Problem:
For the entries that follow, report how many lines include the word "number" and add nothing.

Data:
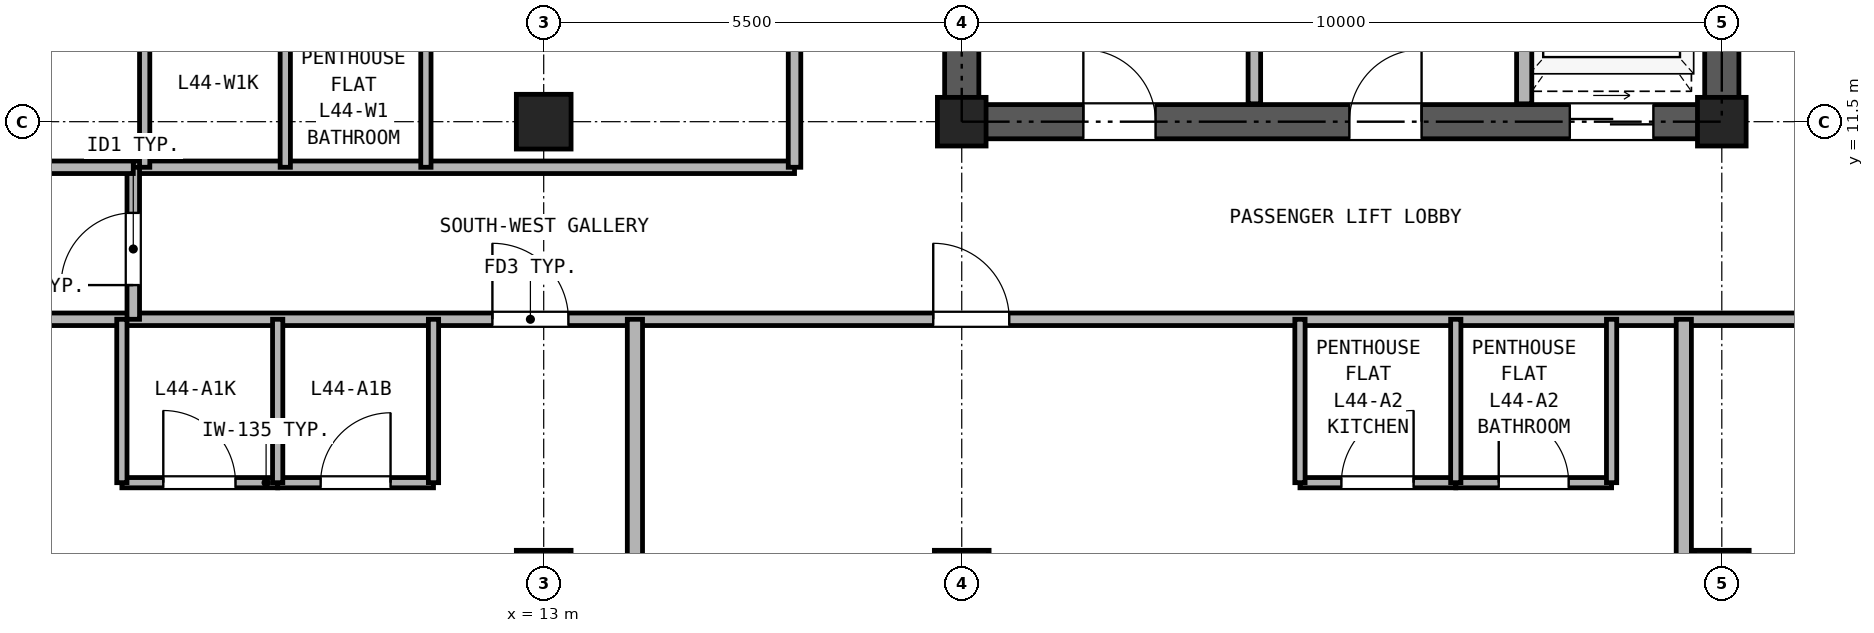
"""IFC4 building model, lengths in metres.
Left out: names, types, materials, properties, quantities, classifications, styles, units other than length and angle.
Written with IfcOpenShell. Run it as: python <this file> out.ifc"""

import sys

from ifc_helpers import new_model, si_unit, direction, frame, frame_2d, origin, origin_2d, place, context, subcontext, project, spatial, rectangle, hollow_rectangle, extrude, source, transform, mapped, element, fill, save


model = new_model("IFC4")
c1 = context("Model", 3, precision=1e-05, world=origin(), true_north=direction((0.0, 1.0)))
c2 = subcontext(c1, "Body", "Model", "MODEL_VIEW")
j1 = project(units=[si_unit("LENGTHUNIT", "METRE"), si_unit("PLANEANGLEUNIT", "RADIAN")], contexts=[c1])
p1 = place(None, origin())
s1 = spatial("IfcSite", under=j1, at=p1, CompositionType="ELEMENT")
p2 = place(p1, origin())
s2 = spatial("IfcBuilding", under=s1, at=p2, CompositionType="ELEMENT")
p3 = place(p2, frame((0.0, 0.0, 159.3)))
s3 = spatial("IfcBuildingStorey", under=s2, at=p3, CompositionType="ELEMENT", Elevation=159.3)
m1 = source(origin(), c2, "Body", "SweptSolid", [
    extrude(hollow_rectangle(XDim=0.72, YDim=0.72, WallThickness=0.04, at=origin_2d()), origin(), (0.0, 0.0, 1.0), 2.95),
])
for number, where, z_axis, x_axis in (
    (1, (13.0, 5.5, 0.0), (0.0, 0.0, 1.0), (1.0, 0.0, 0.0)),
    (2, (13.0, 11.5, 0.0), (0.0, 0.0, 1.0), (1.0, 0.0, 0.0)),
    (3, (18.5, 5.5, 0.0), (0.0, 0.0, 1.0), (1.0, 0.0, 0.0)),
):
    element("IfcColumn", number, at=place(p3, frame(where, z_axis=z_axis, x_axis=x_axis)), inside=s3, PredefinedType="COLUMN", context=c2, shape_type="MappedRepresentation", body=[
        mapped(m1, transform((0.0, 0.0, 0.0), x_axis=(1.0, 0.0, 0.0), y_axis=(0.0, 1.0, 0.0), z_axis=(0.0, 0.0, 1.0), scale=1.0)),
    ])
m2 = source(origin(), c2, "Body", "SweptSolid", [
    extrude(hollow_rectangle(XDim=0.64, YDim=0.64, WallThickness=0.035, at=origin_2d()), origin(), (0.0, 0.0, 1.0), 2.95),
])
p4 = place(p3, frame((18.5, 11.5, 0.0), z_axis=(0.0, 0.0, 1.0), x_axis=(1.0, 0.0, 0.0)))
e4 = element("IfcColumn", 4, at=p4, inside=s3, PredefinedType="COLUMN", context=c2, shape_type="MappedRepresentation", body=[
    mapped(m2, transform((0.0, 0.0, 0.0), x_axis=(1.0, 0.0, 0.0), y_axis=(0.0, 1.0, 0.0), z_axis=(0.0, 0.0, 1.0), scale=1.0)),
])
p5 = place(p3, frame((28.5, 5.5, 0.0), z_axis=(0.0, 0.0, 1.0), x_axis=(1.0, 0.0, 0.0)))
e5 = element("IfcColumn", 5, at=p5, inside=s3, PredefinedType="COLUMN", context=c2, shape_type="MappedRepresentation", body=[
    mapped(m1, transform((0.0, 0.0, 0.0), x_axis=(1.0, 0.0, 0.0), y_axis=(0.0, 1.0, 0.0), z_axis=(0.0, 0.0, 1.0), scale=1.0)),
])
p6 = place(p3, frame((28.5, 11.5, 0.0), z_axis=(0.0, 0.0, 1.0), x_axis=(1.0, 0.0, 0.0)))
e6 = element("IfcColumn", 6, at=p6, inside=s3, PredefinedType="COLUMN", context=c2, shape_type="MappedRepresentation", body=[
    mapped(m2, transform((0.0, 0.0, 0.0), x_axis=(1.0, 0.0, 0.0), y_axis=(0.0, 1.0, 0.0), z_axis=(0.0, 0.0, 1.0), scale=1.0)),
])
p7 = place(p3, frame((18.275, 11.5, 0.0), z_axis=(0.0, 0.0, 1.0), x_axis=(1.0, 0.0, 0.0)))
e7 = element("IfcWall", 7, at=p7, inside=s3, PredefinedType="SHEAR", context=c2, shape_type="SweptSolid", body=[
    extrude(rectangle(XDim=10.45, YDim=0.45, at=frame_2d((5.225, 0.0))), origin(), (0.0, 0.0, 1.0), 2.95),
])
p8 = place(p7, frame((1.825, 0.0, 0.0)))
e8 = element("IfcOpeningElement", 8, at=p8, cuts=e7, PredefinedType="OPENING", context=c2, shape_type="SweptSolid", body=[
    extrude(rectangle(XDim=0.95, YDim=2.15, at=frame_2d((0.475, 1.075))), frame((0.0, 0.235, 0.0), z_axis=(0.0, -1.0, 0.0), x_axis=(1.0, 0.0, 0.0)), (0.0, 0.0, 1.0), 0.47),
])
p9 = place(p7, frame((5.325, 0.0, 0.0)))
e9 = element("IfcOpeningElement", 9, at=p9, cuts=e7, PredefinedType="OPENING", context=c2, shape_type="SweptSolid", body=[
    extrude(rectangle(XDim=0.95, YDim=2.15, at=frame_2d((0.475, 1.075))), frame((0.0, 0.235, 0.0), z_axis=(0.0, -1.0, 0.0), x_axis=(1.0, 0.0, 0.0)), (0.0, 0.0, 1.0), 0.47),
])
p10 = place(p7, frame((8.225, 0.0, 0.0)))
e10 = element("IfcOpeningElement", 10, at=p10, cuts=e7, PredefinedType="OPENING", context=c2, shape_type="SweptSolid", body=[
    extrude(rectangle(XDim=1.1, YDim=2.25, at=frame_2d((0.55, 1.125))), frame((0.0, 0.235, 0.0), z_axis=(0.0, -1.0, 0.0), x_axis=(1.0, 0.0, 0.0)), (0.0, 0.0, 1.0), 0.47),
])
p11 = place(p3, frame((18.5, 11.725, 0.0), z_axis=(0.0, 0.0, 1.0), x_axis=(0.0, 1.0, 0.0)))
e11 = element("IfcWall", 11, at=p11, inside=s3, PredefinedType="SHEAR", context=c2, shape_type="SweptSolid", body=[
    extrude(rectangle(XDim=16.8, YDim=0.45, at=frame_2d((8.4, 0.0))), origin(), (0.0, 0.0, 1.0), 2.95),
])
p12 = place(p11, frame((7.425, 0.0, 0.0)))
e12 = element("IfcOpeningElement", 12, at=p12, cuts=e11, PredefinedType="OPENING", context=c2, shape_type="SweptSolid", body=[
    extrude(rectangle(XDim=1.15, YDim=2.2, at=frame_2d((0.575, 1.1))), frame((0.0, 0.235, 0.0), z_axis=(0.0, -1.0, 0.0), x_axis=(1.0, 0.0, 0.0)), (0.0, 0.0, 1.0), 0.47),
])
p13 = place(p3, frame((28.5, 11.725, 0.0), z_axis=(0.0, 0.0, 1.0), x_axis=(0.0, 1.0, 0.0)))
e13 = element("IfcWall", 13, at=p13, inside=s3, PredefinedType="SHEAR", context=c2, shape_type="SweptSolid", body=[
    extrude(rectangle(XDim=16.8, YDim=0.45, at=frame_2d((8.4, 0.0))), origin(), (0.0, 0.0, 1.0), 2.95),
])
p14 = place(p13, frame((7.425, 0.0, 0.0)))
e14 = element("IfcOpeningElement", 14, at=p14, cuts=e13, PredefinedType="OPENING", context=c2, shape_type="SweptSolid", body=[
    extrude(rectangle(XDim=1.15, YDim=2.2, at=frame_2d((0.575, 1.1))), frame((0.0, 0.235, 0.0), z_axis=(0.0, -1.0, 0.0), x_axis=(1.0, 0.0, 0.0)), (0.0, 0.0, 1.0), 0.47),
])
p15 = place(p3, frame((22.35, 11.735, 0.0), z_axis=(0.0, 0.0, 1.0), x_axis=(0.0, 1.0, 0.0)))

Output for this exercise:
2